- **Task goal**: From the entries below, gather each line containing the word "cuts".

※ ※ ※

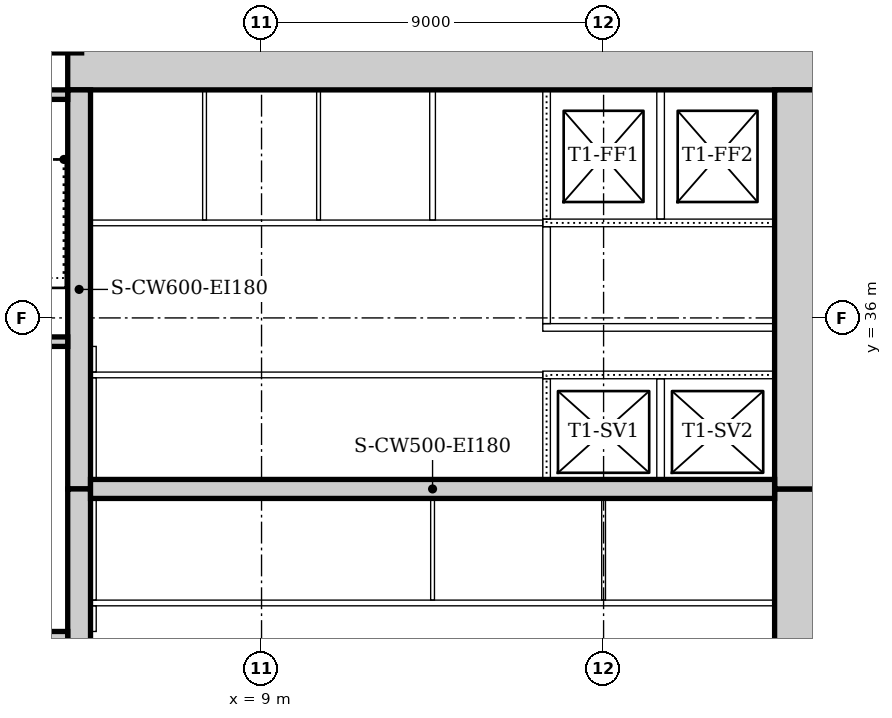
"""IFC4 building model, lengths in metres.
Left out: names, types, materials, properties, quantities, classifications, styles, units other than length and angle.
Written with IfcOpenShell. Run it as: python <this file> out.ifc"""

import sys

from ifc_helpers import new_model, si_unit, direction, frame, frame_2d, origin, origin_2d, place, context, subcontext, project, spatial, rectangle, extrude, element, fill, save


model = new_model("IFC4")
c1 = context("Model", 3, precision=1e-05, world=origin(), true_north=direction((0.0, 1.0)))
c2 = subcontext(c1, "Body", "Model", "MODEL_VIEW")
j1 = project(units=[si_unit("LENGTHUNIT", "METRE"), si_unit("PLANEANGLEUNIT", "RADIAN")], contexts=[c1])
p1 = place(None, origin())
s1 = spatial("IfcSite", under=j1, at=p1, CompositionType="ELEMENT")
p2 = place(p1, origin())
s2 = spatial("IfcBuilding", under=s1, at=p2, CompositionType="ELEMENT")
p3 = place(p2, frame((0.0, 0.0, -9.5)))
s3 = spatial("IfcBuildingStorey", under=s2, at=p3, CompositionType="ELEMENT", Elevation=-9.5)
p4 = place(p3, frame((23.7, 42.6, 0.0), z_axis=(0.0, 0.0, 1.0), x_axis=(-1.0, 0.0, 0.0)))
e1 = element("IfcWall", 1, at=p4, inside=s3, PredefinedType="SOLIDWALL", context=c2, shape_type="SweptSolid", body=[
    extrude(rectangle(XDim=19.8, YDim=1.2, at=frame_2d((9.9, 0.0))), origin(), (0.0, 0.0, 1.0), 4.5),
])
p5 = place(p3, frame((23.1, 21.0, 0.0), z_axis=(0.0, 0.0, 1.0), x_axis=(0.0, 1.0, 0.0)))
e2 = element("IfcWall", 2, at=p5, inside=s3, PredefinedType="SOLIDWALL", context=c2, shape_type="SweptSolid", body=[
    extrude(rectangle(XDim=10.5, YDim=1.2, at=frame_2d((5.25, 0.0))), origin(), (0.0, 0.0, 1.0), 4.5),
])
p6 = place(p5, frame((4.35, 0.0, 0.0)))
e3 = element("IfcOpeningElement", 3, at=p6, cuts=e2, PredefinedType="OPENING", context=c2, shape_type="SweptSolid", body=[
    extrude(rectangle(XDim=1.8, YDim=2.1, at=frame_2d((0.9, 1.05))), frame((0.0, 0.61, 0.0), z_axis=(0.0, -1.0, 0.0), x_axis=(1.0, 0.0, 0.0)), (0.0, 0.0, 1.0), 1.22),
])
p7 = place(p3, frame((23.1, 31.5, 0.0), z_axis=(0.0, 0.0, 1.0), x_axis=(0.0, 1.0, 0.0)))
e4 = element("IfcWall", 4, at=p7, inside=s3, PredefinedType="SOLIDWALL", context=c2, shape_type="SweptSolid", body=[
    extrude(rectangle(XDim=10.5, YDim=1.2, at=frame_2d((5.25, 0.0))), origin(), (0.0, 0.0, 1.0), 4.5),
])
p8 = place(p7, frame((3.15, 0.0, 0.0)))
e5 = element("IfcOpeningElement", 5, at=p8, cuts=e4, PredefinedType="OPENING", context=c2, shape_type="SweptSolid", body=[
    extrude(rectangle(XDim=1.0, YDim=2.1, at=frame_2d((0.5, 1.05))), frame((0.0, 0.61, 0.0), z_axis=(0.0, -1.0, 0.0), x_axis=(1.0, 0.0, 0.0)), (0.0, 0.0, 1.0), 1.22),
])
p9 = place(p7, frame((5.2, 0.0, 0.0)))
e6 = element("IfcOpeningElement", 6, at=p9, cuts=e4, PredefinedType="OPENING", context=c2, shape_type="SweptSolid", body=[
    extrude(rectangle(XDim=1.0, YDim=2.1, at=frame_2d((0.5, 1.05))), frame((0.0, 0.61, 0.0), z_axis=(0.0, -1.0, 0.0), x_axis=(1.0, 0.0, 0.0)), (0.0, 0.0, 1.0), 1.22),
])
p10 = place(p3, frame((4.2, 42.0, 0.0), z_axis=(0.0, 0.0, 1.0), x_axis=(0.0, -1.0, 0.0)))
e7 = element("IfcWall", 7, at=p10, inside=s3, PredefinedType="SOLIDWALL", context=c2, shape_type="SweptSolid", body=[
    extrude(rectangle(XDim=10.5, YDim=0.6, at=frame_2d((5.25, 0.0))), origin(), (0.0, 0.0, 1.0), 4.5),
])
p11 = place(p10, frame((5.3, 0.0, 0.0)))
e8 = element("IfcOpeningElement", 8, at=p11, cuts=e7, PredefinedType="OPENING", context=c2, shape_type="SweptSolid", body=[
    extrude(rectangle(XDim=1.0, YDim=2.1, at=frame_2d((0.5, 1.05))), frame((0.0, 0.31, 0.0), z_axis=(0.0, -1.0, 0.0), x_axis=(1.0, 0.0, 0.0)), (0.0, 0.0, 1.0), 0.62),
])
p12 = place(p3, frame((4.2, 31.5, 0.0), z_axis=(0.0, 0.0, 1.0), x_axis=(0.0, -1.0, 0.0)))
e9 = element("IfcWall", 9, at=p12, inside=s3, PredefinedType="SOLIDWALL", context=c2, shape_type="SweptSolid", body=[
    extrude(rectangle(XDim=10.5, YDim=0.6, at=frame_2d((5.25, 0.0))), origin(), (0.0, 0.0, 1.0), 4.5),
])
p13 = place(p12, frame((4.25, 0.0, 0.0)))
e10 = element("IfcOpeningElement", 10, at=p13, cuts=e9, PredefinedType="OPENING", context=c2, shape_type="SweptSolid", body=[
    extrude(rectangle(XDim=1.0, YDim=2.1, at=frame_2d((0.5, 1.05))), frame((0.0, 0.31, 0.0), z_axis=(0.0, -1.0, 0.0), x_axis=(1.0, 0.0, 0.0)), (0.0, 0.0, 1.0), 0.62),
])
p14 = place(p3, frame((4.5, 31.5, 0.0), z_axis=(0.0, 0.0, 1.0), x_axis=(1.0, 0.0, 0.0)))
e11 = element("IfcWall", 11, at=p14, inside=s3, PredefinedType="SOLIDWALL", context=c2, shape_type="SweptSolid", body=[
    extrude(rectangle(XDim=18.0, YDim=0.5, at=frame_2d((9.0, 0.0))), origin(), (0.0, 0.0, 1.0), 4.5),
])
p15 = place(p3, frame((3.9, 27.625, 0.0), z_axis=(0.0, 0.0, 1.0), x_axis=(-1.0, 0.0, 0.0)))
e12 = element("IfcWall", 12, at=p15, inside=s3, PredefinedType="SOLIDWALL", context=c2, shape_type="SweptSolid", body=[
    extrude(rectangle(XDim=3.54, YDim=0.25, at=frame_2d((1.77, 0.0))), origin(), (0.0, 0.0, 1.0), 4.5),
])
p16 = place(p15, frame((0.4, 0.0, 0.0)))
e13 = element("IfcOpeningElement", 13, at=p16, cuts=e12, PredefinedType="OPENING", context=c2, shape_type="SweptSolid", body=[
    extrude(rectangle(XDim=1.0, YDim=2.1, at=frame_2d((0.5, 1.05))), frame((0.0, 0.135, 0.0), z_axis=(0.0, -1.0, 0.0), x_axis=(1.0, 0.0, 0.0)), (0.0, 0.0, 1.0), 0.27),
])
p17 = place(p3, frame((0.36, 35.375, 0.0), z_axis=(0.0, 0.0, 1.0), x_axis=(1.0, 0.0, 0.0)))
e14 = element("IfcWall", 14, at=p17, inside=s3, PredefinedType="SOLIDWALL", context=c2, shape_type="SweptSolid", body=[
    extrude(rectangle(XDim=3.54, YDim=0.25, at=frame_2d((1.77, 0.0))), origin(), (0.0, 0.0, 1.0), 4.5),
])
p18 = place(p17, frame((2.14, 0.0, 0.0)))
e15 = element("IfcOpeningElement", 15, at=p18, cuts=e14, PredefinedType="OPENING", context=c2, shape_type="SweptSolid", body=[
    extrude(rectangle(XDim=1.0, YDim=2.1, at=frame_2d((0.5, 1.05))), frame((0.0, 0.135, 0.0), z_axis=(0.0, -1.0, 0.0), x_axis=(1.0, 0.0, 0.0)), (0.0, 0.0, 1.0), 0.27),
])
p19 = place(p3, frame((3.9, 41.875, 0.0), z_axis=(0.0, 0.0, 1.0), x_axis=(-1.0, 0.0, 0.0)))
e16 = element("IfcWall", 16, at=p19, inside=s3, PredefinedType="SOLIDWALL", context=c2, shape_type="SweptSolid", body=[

※ ※ ※

- **Task response**:
e3 = element("IfcOpeningElement", 3, at=p6, cuts=e2, PredefinedType="OPENING", context=c2, shape_type="SweptSolid", body=[
e5 = element("IfcOpeningElement", 5, at=p8, cuts=e4, PredefinedType="OPENING", context=c2, shape_type="SweptSolid", body=[
e6 = element("IfcOpeningElement", 6, at=p9, cuts=e4, PredefinedType="OPENING", context=c2, shape_type="SweptSolid", body=[
e8 = element("IfcOpeningElement", 8, at=p11, cuts=e7, PredefinedType="OPENING", context=c2, shape_type="SweptSolid", body=[
e10 = element("IfcOpeningElement", 10, at=p13, cuts=e9, PredefinedType="OPENING", context=c2, shape_type="SweptSolid", body=[
e13 = element("IfcOpeningElement", 13, at=p16, cuts=e12, PredefinedType="OPENING", context=c2, shape_type="SweptSolid", body=[
e15 = element("IfcOpeningElement", 15, at=p18, cuts=e14, PredefinedType="OPENING", context=c2, shape_type="SweptSolid", body=[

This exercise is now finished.